··· SUPPLIED MATERIAL ···

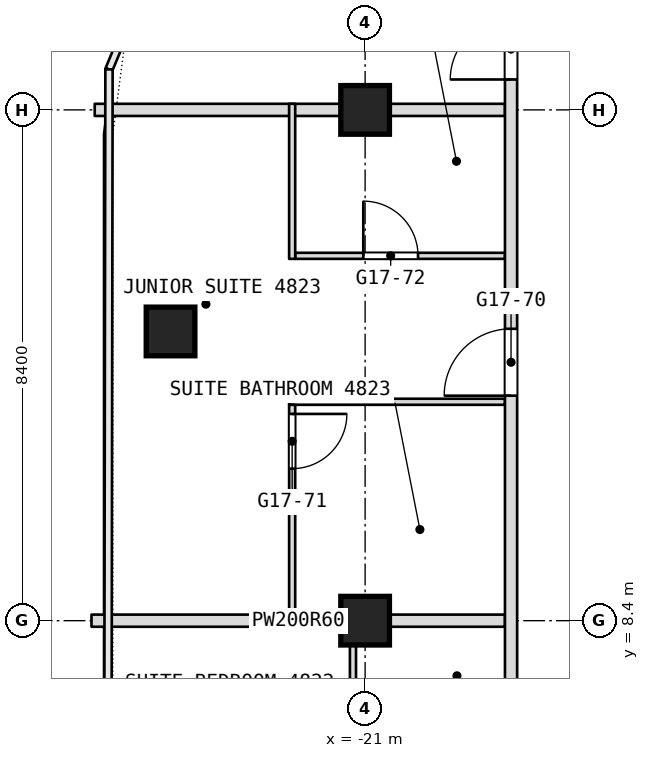
"""IFC4 building model, lengths in metres.
Left out: names, types, materials, properties, quantities, classifications, styles, units other than length and angle.
Written with IfcOpenShell. Run it as: python <this file> out.ifc"""

import sys

from ifc_helpers import new_model, si_unit, direction, frame, frame_2d, origin, origin_2d, place, context, subcontext, project, spatial, rectangle, extrude, element, fill, save


model = new_model("IFC4")
c1 = context("Model", 3, precision=1e-05, world=origin(), true_north=direction((0.0, 1.0)))
c2 = subcontext(c1, "Body", "Model", "MODEL_VIEW")
j1 = project(units=[si_unit("LENGTHUNIT", "METRE"), si_unit("PLANEANGLEUNIT", "RADIAN")], contexts=[c1])
p1 = place(None, origin())
s1 = spatial("IfcSite", under=j1, at=p1, CompositionType="ELEMENT")
p2 = place(p1, origin())
s2 = spatial("IfcBuilding", under=s1, at=p2, CompositionType="ELEMENT")
p3 = place(p2, frame((0.0, 0.0, 209.3)))
s3 = spatial("IfcBuildingStorey", under=s2, at=p3, CompositionType="ELEMENT", Elevation=209.3)
for number, where, z_axis, x_axis in (
    (1, (-21.0, 8.4, 0.0), (0.0, 0.0, 1.0), (1.0, 0.0, 0.0)),
    (2, (-21.0, 16.8, 0.0), (0.0, 0.0, 1.0), (1.0, 0.0, 0.0)),
    (3, (-24.2, 13.156, 0.0), (0.0, 0.0, 1.0), (1.0, 0.0, 0.0)),
):
    element("IfcColumn", number, at=place(p3, frame(where, z_axis=z_axis, x_axis=x_axis)), inside=s3, PredefinedType="COLUMN", context=c2, shape_type="SweptSolid", body=[
        extrude(rectangle(XDim=0.8, YDim=0.8, at=origin_2d()), origin(), (0.0, 0.0, 1.0), 3.6),
    ])
p4 = place(p3, frame((-25.5, 8.4, 0.0), z_axis=(0.0, 0.0, 1.0), x_axis=(1.0, 0.0, 0.0)))
e4 = element("IfcWall", 4, at=p4, inside=s3, PredefinedType="PARTITIONING", context=c2, shape_type="SweptSolid", body=[
    extrude(rectangle(XDim=6.8, YDim=0.2, at=frame_2d((3.4, 0.0))), origin(), (0.0, 0.0, 1.0), 2.94),
])
p5 = place(p3, frame((-22.25, 12.0, 0.0), z_axis=(0.0, 0.0, 1.0), x_axis=(1.0, 0.0, 0.0)))
e5 = element("IfcWall", 5, at=p5, inside=s3, PredefinedType="PARTITIONING", context=c2, shape_type="SweptSolid", body=[
    extrude(rectangle(XDim=3.55, YDim=0.1, at=frame_2d((1.775, 0.0))), origin(), (0.0, 0.0, 1.0), 3.34),
])
p6 = place(p3, frame((-22.15, 14.4, 0.0), z_axis=(0.0, 0.0, 1.0), x_axis=(1.0, 0.0, 0.0)))
e6 = element("IfcWall", 6, at=p6, inside=s3, PredefinedType="PARTITIONING", context=c2, shape_type="SweptSolid", body=[
    extrude(rectangle(XDim=3.45, YDim=0.1, at=frame_2d((1.725, 0.0))), origin(), (0.0, 0.0, 1.0), 3.34),
])
p7 = place(p6, frame((1.12, 0.0, 0.0)))
e7 = element("IfcOpeningElement", 7, at=p7, cuts=e6, PredefinedType="OPENING", context=c2, shape_type="SweptSolid", body=[
    extrude(rectangle(XDim=0.9, YDim=2.1, at=frame_2d((0.45, 1.05))), frame((0.0, 0.05, 0.0), z_axis=(0.0, -1.0, 0.0), x_axis=(1.0, 0.0, 0.0)), (0.0, 0.0, 1.0), 0.1),
])
p8 = place(p3, frame((-25.447, 16.8, 0.0), z_axis=(0.0, 0.0, 1.0), x_axis=(1.0, 0.0, 0.0)))
e8 = element("IfcWall", 8, at=p8, inside=s3, PredefinedType="PARTITIONING", context=c2, shape_type="SweptSolid", body=[
    extrude(rectangle(XDim=6.747, YDim=0.2, at=frame_2d((3.374, 0.0))), origin(), (0.0, 0.0, 1.0), 2.94),
])
p9 = place(p3, frame((-18.6, -26.751, 0.0), z_axis=(0.0, 0.0, 1.0), x_axis=(0.0, 1.0, 0.0)))
e9 = element("IfcWall", 9, at=p9, inside=s3, PredefinedType="PARTITIONING", context=c2, shape_type="SweptSolid", body=[
    extrude(rectangle(XDim=49.091, YDim=0.2, at=frame_2d((24.545, 0.0))), origin(), (0.0, 0.0, 1.0), 3.34),
])
p10 = place(p9, frame((3.413, 0.0, 0.0)))
e10 = element("IfcOpeningElement", 10, at=p10, cuts=e9, PredefinedType="OPENING", context=c2, shape_type="SweptSolid", body=[
    extrude(rectangle(XDim=1.0, YDim=2.1, at=frame_2d((0.5, 1.05))), frame((0.0, 0.1, 0.0), z_axis=(0.0, -1.0, 0.0), x_axis=(1.0, 0.0, 0.0)), (0.0, 0.0, 1.0), 0.2),
])
p11 = place(p9, frame((5.838, 0.0, 0.0)))
e11 = element("IfcOpeningElement", 11, at=p11, cuts=e9, PredefinedType="OPENING", context=c2, shape_type="SweptSolid", body=[
    extrude(rectangle(XDim=1.0, YDim=2.1, at=frame_2d((0.5, 1.05))), frame((0.0, 0.1, 0.0), z_axis=(0.0, -1.0, 0.0), x_axis=(1.0, 0.0, 0.0)), (0.0, 0.0, 1.0), 0.2),
])
p12 = place(p9, frame((13.551, 0.0, 0.0)))
e12 = element("IfcOpeningElement", 12, at=p12, cuts=e9, PredefinedType="OPENING", context=c2, shape_type="SweptSolid", body=[
    extrude(rectangle(XDim=1.1, YDim=2.1, at=frame_2d((0.55, 1.05))), frame((0.0, 0.1, 0.0), z_axis=(0.0, -1.0, 0.0), x_axis=(1.0, 0.0, 0.0)), (0.0, 0.0, 1.0), 0.2),
])
p13 = place(p9, frame((21.151, 0.0, 0.0)))
e13 = element("IfcOpeningElement", 13, at=p13, cuts=e9, PredefinedType="OPENING", context=c2, shape_type="SweptSolid", body=[
    extrude(rectangle(XDim=1.0, YDim=2.1, at=frame_2d((0.5, 1.05))), frame((0.0, 0.1, 0.0), z_axis=(0.0, -1.0, 0.0), x_axis=(1.0, 0.0, 0.0)), (0.0, 0.0, 1.0), 0.2),
])
p14 = place(p9, frame((22.951, 0.0, 0.0)))
e14 = element("IfcOpeningElement", 14, at=p14, cuts=e9, PredefinedType="OPENING", context=c2, shape_type="SweptSolid", body=[
    extrude(rectangle(XDim=1.0, YDim=2.1, at=frame_2d((0.5, 1.05))), frame((0.0, 0.1, 0.0), z_axis=(0.0, -1.0, 0.0), x_axis=(1.0, 0.0, 0.0)), (0.0, 0.0, 1.0), 0.2),
])
p15 = place(p9, frame((28.301, 0.0, 0.0)))
e15 = element("IfcOpeningElement", 15, at=p15, cuts=e9, PredefinedType="OPENING", context=c2, shape_type="SweptSolid", body=[
    extrude(rectangle(XDim=1.1, YDim=2.1, at=frame_2d((0.55, 1.05))), frame((0.0, 0.1, 0.0), z_axis=(0.0, -1.0, 0.0), x_axis=(1.0, 0.0, 0.0)), (0.0, 0.0, 1.0), 0.2),
])
p16 = place(p9, frame((38.851, 0.0, 0.0)))
e16 = element("IfcOpeningElement", 16, at=p16, cuts=e9, PredefinedType="OPENING", context=c2, shape_type="SweptSolid", body=[
    extrude(rectangle(XDim=1.1, YDim=2.1, at=frame_2d((0.55, 1.05))), frame((0.0, 0.1, 0.0), z_axis=(0.0, -1.0, 0.0), x_axis=(1.0, 0.0, 0.0)), (0.0, 0.0, 1.0), 0.2),
])
p17 = place(p9, frame((44.051, 0.0, 0.0)))
e17 = element("IfcOpeningElement", 17, at=p17, cuts=e9, PredefinedType="OPENING", context=c2, shape_type="SweptSolid", body=[
    extrude(rectangle(XDim=1.0, YDim=2.1, at=frame_2d((0.5, 1.05))), frame((0.0, 0.1, 0.0), z_axis=(0.0, -1.0, 0.0), x_axis=(1.0, 0.0, 0.0)), (0.0, 0.0, 1.0), 0.2),
])
p18 = place(p3, frame((-21.2, 5.95, 0.0), z_axis=(0.0, 0.0, 1.0), x_axis=(0.0, 1.0, 0.0)))
e18 = element("IfcWall", 18, at=p18, inside=s3, PredefinedType="PARTITIONING", context=c2, shape_type="SweptSolid", body=[
    extrude(rectangle(XDim=2.55, YDim=0.1, at=frame_2d((1.275, 0.0))), origin(), (0.0, 0.0, 1.0), 3.34),
])
p19 = place(p18, frame((0.15, 0.0, 0.0)))
e19 = element("IfcOpeningElement", 19, at=p19, cuts=e18, PredefinedType="OPENING", context=c2, shape_type="SweptSolid", body=[
    extrude(rectangle(XDim=0.9, YDim=2.1, at=frame_2d((0.45, 1.05))), frame((0.0, 0.05, 0.0), z_axis=(0.0, -1.0, 0.0), x_axis=(1.0, 0.0, 0.0)), (0.0, 0.0, 1.0), 0.1),
])
p20 = place(p3, frame((-22.2, 8.5, 0.0), z_axis=(0.0, 0.0, 1.0), x_axis=(0.0, 1.0, 0.0)))
e20 = element("IfcWall", 20, at=p20, inside=s3, PredefinedType="PARTITIONING", context=c2, shape_type="SweptSolid", body=[
    extrude(rectangle(XDim=3.45, YDim=0.1, at=frame_2d((1.725, 0.0))), origin(), (0.0, 0.0, 1.0), 3.34),
])
p21 = place(p20, frame((2.4, 0.0, 0.0)))
e21 = element("IfcOpeningElement", 21, at=p21, cuts=e20, PredefinedType="OPENING", context=c2, shape_type="SweptSolid", body=[
    extrude(rectangle(XDim=0.9, YDim=2.1, at=frame_2d((0.45, 1.05))), frame((0.0, 0.05, 0.0), z_axis=(0.0, -1.0, 0.0), x_axis=(1.0, 0.0, 0.0)), (0.0, 0.0, 1.0), 0.1),
])
p22 = place(p3, frame((-22.2, 14.35, 0.0), z_axis=(0.0, 0.0, 1.0), x_axis=(0.0, 1.0, 0.0)))
e22 = element("IfcWall", 22, at=p22, inside=s3, PredefinedType="PARTITIONING", context=c2, shape_type="SweptSolid", body=[
    extrude(rectangle(XDim=2.55, YDim=0.1, at=frame_2d((1.275, 0.0))), origin(), (0.0, 0.0, 1.0), 3.34),
])
p23 = place(p7, origin())
e23 = element("IfcDoor", 23, at=p23, inside=s3, OperationType="SINGLE_SWING_LEFT", PredefinedType="DOOR", context=c2, shape_type="SweptSolid", body=[
    extrude(rectangle(XDim=0.9, YDim=2.1, at=frame_2d((0.45, 1.05))), frame((0.0, 0.025, 0.0), z_axis=(0.0, -1.0, 0.0), x_axis=(1.0, 0.0, 0.0)), (0.0, 0.0, 1.0), 0.05),
])
fill(e7, e23)
p24 = place(p16, origin())
e24 = element("IfcDoor", 24, at=p24, inside=s3, OperationType="SINGLE_SWING_LEFT", PredefinedType="DOOR", context=c2, shape_type="SweptSolid", body=[
    extrude(rectangle(XDim=1.1, YDim=2.1, at=frame_2d((0.55, 1.05))), frame((0.0, 0.025, 0.0), z_axis=(0.0, -1.0, 0.0), x_axis=(1.0, 0.0, 0.0)), (0.0, 0.0, 1.0), 0.05),
])
fill(e16, e24)
p25 = place(p17, origin())
e25 = element("IfcDoor", 25, at=p25, inside=s3, OperationType="SINGLE_SWING_RIGHT", PredefinedType="DOOR", context=c2, shape_type="SweptSolid", body=[
    extrude(rectangle(XDim=1.0, YDim=2.1, at=frame_2d((0.5, 1.05))), frame((0.0, 0.025, 0.0), z_axis=(0.0, -1.0, 0.0), x_axis=(1.0, 0.0, 0.0)), (0.0, 0.0, 1.0), 0.05),
])
fill(e17, e25)
p26 = place(p21, origin())
e26 = element("IfcDoor", 26, at=p26, inside=s3, OperationType="SINGLE_SWING_LEFT", PredefinedType="DOOR", context=c2, shape_type="SweptSolid", body=[
    extrude(rectangle(XDim=0.9, YDim=2.1, at=frame_2d((0.45, 1.05))), frame((0.0, 0.025, 0.0), z_axis=(0.0, -1.0, 0.0), x_axis=(1.0, 0.0, 0.0)), (0.0, 0.0, 1.0), 0.05),
])
fill(e21, e26)
save(model, sys.argv[1])
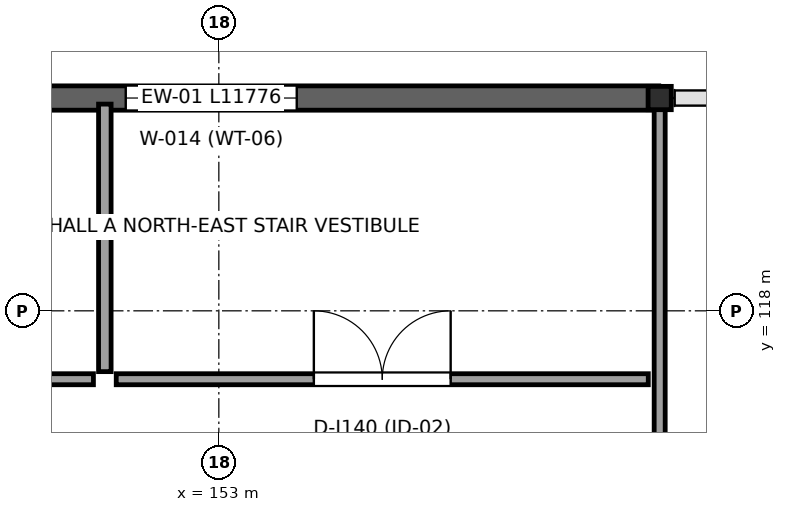
"""IFC4 building model, lengths in metres.
Left out: names, types, materials, properties, quantities, classifications, styles, units other than length and angle.
Written with IfcOpenShell. Run it as: python <this file> out.ifc"""

import sys

from ifc_helpers import new_model, si_unit, direction, frame, frame_2d, origin, origin_2d, place, context, subcontext, project, spatial, rectangle, i_section, extrude, element, fill, save


model = new_model("IFC4")
c1 = context("Model", 3, precision=1e-05, world=origin(), true_north=direction((0.0, 1.0)))
c2 = subcontext(c1, "Body", "Model", "MODEL_VIEW")
j1 = project(units=[si_unit("LENGTHUNIT", "METRE"), si_unit("PLANEANGLEUNIT", "RADIAN")], contexts=[c1])
p1 = place(None, origin())
s1 = spatial("IfcSite", under=j1, at=p1, CompositionType="ELEMENT")
p2 = place(p1, origin())
s2 = spatial("IfcBuilding", under=s1, at=p2, CompositionType="ELEMENT")
p3 = place(p2, frame((0.0, 0.0, 6.0)))
s3 = spatial("IfcBuildingStorey", under=s2, at=p3, CompositionType="ELEMENT", Elevation=6.0)
p4 = place(p3, frame((158.8, 120.8, 0.0), z_axis=(0.0, 0.0, 1.0), x_axis=(1.0, 0.0, 0.0)))
e1 = element("IfcColumn", 1, at=p4, inside=s3, PredefinedType="COLUMN", context=c2, shape_type="SweptSolid", body=[
    extrude(i_section(OverallWidth=0.305, OverallDepth=0.307, WebThickness=0.01, FlangeThickness=0.015, at=origin_2d()), origin(), (0.0, 0.0, 1.0), 6.0),
])
p5 = place(p3, frame((147.012, 120.8, 0.0), z_axis=(0.0, 0.0, 1.0), x_axis=(1.0, 0.0, 0.0)))
e2 = element("IfcWall", 2, at=p5, inside=s3, PredefinedType="STANDARD", context=c2, shape_type="SweptSolid", body=[
    extrude(rectangle(XDim=11.776, YDim=0.32, at=frame_2d((5.888, 0.0))), origin(), (0.0, 0.0, 1.0), 5.78),
])
p6 = place(p5, frame((4.763, 0.0, 1.1)))
e3 = element("IfcOpeningElement", 3, at=p6, cuts=e2, PredefinedType="OPENING", context=c2, shape_type="SweptSolid", body=[
    extrude(rectangle(XDim=2.25, YDim=2.4, at=frame_2d((1.125, 1.2))), frame((0.0, 0.17, 0.0), z_axis=(0.0, -1.0, 0.0), x_axis=(1.0, 0.0, 0.0)), (0.0, 0.0, 1.0), 0.34),
])
p7 = place(p3, frame((121.75, 117.1, 0.0), z_axis=(0.0, 0.0, 1.0), x_axis=(1.0, 0.0, 0.0)))
e4 = element("IfcWall", 4, at=p7, inside=s3, PredefinedType="PARTITIONING", context=c2, shape_type="SweptSolid", body=[
    extrude(rectangle(XDim=29.6, YDim=0.145, at=frame_2d((14.8, 0.0))), origin(), (0.0, 0.0, 1.0), 4.55),
])
p8 = place(p7, frame((2.5, 0.0, 0.0)))
e5 = element("IfcOpeningElement", 5, at=p8, cuts=e4, PredefinedType="OPENING", context=c2, shape_type="SweptSolid", body=[
    extrude(rectangle(XDim=0.98, YDim=2.15, at=frame_2d((0.49, 1.075))), frame((0.0, 0.083, 0.0), z_axis=(0.0, -1.0, 0.0), x_axis=(1.0, 0.0, 0.0)), (0.0, 0.0, 1.0), 0.165),
])
p9 = place(p7, frame((6.5, 0.0, 0.0)))
e6 = element("IfcOpeningElement", 6, at=p9, cuts=e4, PredefinedType="OPENING", context=c2, shape_type="SweptSolid", body=[
    extrude(rectangle(XDim=1.05, YDim=2.18, at=frame_2d((0.525, 1.09))), frame((0.0, 0.083, 0.0), z_axis=(0.0, -1.0, 0.0), x_axis=(1.0, 0.0, 0.0)), (0.0, 0.0, 1.0), 0.165),
])
p10 = place(p3, frame((151.65, 117.1, 0.0), z_axis=(0.0, 0.0, 1.0), x_axis=(1.0, 0.0, 0.0)))
e7 = element("IfcWall", 7, at=p10, inside=s3, PredefinedType="PARTITIONING", context=c2, shape_type="SweptSolid", body=[
    extrude(rectangle(XDim=7.0, YDim=0.145, at=frame_2d((3.5, 0.0))), origin(), (0.0, 0.0, 1.0), 4.55),
])
p11 = place(p10, frame((2.6, 0.0, 0.0)))
e8 = element("IfcOpeningElement", 8, at=p11, cuts=e7, PredefinedType="OPENING", context=c2, shape_type="SweptSolid", body=[
    extrude(rectangle(XDim=1.8, YDim=2.3, at=frame_2d((0.9, 1.15))), frame((0.0, 0.083, 0.0), z_axis=(0.0, -1.0, 0.0), x_axis=(1.0, 0.0, 0.0)), (0.0, 0.0, 1.0), 0.165),
])
p12 = place(p3, frame((151.5, 117.2, 0.0), z_axis=(0.0, 0.0, 1.0), x_axis=(0.0, 1.0, 0.0)))
e9 = element("IfcWall", 9, at=p12, inside=s3, PredefinedType="PARTITIONING", context=c2, shape_type="SweptSolid", body=[
    extrude(rectangle(XDim=3.52, YDim=0.165, at=frame_2d((1.76, 0.0))), origin(), (0.0, 0.0, 1.0), 4.55),
])
p13 = place(p3, frame((158.8, 111.948, 0.0), z_axis=(0.0, 0.0, 1.0), x_axis=(0.0, 1.0, 0.0)))
e10 = element("IfcWall", 10, at=p13, inside=s3, PredefinedType="PARTITIONING", context=c2, shape_type="SweptSolid", body=[
    extrude(rectangle(XDim=8.704, YDim=0.145, at=frame_2d((4.352, 0.0))), origin(), (0.0, 0.0, 1.0), 4.55),
])
p14 = place(p6, origin())
e11 = element("IfcWindow", 11, at=p14, inside=s3, PartitioningType="SINGLE_PANEL", PredefinedType="WINDOW", context=c2, shape_type="SweptSolid", body=[
    extrude(rectangle(XDim=2.25, YDim=2.4, at=frame_2d((1.125, 1.2))), frame((0.0, 0.03, 0.0), z_axis=(0.0, -1.0, 0.0), x_axis=(1.0, 0.0, 0.0)), (0.0, 0.0, 1.0), 0.06),
])
fill(e3, e11)
p15 = place(p11, origin())
e12 = element("IfcDoor", 12, at=p15, inside=s3, OperationType="DOUBLE_DOOR_SINGLE_SWING", PredefinedType="DOOR", context=c2, shape_type="SweptSolid", body=[
    extrude(rectangle(XDim=1.8, YDim=2.3, at=frame_2d((0.9, 1.15))), frame((0.0, 0.025, 0.0), z_axis=(0.0, -1.0, 0.0), x_axis=(1.0, 0.0, 0.0)), (0.0, 0.0, 1.0), 0.05),
])
fill(e8, e12)
save(model, sys.argv[1])

···

--- WORK ORDER ---
Given the data above, which lines hold the string "where"? Return them.

--- RESULT BELOW ---
for number, where, z_axis, x_axis in (
    element("IfcColumn", number, at=place(p3, frame(where, z_axis=z_axis, x_axis=x_axis)), inside=s3, PredefinedType="COLUMN", context=c2, shape_type="SweptSolid", body=[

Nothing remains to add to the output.